_DESCRIPTION OF THE TASK_
The response should contain only those lines of the entries below that include the string "spatial".

_ENTRIES SUPPLIED_
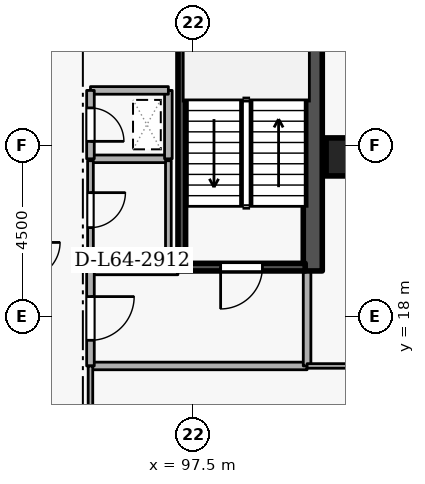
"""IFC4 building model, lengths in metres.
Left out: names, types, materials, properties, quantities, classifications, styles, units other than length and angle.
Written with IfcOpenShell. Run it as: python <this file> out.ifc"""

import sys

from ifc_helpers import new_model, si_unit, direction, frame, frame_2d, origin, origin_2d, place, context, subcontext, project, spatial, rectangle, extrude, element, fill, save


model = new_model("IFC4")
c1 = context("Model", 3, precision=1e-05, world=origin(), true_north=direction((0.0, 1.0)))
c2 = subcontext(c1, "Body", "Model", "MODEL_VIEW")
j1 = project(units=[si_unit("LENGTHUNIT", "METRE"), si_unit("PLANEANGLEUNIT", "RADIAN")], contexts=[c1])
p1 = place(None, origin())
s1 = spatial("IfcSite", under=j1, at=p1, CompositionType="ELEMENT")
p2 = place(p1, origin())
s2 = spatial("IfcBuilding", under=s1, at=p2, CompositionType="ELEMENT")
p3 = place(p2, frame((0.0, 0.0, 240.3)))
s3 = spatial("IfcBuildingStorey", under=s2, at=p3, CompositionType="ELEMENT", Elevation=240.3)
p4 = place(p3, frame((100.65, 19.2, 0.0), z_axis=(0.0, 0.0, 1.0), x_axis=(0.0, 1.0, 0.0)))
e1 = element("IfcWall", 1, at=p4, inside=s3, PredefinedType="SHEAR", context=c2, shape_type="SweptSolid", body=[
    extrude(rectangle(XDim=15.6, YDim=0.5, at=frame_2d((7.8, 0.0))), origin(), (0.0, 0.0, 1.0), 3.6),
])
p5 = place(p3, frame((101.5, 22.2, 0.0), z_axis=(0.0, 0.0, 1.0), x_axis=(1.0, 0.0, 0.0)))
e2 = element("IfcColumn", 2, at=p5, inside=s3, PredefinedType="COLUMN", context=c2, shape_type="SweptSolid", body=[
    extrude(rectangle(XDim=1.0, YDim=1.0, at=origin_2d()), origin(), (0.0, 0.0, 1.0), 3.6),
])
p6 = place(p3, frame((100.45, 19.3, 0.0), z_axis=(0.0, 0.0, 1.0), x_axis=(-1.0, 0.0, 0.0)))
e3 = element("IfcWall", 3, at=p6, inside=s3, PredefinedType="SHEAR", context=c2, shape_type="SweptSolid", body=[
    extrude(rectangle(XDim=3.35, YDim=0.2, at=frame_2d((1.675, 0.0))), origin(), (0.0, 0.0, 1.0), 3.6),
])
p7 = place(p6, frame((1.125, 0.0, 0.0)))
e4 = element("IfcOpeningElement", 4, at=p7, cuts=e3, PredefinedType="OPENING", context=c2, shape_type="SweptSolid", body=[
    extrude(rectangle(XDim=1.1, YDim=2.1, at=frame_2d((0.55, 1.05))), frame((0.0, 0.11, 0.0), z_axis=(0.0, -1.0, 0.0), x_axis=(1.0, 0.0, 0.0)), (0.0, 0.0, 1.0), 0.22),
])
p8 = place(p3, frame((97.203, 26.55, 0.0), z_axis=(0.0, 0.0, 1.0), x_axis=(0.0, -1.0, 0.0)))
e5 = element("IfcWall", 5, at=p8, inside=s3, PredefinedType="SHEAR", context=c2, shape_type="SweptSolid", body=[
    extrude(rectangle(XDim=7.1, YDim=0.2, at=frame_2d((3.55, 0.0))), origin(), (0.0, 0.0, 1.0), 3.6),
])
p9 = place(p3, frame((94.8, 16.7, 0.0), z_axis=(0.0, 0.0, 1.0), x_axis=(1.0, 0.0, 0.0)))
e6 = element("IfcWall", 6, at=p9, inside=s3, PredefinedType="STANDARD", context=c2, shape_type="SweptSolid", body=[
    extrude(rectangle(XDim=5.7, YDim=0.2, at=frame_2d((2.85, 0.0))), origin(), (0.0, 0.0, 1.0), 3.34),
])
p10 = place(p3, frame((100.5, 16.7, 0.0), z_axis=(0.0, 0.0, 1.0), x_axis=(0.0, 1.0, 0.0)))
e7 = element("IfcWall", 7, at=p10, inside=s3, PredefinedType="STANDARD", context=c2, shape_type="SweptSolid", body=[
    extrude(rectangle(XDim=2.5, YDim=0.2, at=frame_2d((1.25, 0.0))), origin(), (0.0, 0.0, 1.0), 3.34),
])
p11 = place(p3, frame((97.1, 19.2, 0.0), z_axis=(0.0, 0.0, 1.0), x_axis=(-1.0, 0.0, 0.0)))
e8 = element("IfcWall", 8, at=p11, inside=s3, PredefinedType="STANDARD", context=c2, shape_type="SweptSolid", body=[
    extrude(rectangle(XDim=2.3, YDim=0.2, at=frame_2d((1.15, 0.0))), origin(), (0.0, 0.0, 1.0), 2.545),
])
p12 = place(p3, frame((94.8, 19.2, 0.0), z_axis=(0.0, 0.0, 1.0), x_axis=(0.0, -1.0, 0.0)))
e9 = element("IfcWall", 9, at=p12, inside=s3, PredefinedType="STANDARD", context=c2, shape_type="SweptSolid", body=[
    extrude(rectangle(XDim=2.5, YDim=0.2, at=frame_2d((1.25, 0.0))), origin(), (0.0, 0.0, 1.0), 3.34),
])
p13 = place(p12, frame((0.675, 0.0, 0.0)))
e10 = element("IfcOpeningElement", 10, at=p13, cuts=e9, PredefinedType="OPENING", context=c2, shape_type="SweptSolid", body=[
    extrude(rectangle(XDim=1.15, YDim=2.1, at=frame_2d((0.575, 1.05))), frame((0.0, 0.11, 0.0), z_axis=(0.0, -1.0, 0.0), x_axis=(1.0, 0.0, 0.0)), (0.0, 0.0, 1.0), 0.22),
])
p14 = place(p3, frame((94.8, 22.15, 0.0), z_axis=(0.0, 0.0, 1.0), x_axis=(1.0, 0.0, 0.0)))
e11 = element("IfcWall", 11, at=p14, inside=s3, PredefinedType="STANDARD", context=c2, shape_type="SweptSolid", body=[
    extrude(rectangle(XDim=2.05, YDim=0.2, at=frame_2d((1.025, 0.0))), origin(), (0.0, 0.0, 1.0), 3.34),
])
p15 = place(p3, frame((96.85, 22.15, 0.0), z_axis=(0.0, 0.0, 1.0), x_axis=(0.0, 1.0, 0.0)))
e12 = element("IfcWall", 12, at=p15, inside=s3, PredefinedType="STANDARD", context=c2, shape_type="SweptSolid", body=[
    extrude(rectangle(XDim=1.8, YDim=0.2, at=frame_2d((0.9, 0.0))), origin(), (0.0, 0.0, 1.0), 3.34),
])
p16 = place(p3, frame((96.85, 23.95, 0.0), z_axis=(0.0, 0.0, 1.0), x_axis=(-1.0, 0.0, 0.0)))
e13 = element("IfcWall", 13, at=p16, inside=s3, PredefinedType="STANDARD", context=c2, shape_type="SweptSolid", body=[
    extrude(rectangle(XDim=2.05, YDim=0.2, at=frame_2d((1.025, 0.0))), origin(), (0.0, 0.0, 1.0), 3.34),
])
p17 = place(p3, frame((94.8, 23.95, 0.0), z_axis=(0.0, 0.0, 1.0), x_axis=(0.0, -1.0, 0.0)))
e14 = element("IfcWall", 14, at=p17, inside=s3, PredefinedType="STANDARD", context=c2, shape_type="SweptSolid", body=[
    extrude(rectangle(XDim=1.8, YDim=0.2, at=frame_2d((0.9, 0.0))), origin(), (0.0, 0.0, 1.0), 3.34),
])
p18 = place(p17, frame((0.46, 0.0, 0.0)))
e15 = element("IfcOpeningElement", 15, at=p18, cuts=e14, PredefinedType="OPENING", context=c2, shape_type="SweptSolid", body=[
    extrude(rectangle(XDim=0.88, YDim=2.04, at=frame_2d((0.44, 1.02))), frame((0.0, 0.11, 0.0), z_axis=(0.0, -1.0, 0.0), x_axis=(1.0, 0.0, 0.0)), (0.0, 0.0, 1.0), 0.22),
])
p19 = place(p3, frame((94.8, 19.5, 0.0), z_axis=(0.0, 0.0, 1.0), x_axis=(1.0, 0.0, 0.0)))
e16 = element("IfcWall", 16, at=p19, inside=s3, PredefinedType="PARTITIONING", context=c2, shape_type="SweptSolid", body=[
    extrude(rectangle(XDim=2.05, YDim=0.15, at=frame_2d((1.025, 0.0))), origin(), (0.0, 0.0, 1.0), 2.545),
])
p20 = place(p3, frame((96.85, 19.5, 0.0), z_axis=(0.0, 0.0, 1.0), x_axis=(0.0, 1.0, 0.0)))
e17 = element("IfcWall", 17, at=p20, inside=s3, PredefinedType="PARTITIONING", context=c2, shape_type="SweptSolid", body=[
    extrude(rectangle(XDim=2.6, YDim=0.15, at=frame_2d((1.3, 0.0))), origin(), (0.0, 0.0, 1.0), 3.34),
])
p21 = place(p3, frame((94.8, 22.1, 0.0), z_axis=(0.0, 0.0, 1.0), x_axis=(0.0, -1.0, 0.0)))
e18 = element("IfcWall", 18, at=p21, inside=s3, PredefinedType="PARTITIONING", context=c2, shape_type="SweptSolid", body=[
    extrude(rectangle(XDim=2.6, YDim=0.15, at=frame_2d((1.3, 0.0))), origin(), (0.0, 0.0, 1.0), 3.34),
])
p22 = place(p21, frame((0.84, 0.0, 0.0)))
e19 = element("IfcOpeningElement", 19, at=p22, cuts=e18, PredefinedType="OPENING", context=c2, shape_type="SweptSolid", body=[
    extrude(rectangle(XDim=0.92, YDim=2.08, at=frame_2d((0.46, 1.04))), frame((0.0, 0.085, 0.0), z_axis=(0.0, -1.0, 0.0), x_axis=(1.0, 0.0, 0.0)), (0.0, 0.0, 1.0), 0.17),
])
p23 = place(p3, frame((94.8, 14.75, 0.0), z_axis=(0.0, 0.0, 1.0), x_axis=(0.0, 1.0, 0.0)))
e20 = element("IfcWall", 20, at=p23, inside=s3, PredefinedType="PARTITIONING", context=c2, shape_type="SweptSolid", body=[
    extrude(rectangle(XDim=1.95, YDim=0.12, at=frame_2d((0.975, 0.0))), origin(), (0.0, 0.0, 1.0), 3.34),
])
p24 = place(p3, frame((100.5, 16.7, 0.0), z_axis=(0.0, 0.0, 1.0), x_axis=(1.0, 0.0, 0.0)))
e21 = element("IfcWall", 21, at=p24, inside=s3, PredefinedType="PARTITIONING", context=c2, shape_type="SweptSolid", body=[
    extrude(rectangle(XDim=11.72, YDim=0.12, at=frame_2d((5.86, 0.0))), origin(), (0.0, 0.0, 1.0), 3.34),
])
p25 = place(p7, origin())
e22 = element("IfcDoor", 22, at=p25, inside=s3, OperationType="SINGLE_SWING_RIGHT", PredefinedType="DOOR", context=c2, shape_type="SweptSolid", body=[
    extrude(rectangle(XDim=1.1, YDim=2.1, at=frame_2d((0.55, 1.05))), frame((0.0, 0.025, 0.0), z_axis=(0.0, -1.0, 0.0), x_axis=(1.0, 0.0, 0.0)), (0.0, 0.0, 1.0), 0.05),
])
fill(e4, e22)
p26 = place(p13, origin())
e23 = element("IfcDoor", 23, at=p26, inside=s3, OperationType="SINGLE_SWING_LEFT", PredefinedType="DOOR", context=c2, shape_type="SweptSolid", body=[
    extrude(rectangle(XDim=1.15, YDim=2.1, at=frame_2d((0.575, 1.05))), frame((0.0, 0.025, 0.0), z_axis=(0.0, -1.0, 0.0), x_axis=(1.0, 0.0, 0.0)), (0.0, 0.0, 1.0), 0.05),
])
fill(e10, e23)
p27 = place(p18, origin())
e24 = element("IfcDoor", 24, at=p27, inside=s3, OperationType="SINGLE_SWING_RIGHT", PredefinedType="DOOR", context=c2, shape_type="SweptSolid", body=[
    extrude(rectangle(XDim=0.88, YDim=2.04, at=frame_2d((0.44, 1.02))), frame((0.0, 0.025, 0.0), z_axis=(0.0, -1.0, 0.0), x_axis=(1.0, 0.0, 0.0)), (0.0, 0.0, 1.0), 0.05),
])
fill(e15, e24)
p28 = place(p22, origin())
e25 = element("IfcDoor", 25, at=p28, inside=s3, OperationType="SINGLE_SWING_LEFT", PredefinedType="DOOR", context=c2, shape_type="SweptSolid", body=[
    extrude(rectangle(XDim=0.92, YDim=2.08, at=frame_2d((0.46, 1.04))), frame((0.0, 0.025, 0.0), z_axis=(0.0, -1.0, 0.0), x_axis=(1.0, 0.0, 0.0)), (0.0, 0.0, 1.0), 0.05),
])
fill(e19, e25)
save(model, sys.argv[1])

_RESPONSE TO THE EXERCISE_
from ifc_helpers import new_model, si_unit, direction, frame, frame_2d, origin, origin_2d, place, context, subcontext, project, spatial, rectangle, extrude, element, fill, save
s1 = spatial("IfcSite", under=j1, at=p1, CompositionType="ELEMENT")
s2 = spatial("IfcBuilding", under=s1, at=p2, CompositionType="ELEMENT")
s3 = spatial("IfcBuildingStorey", under=s2, at=p3, CompositionType="ELEMENT", Elevation=240.3)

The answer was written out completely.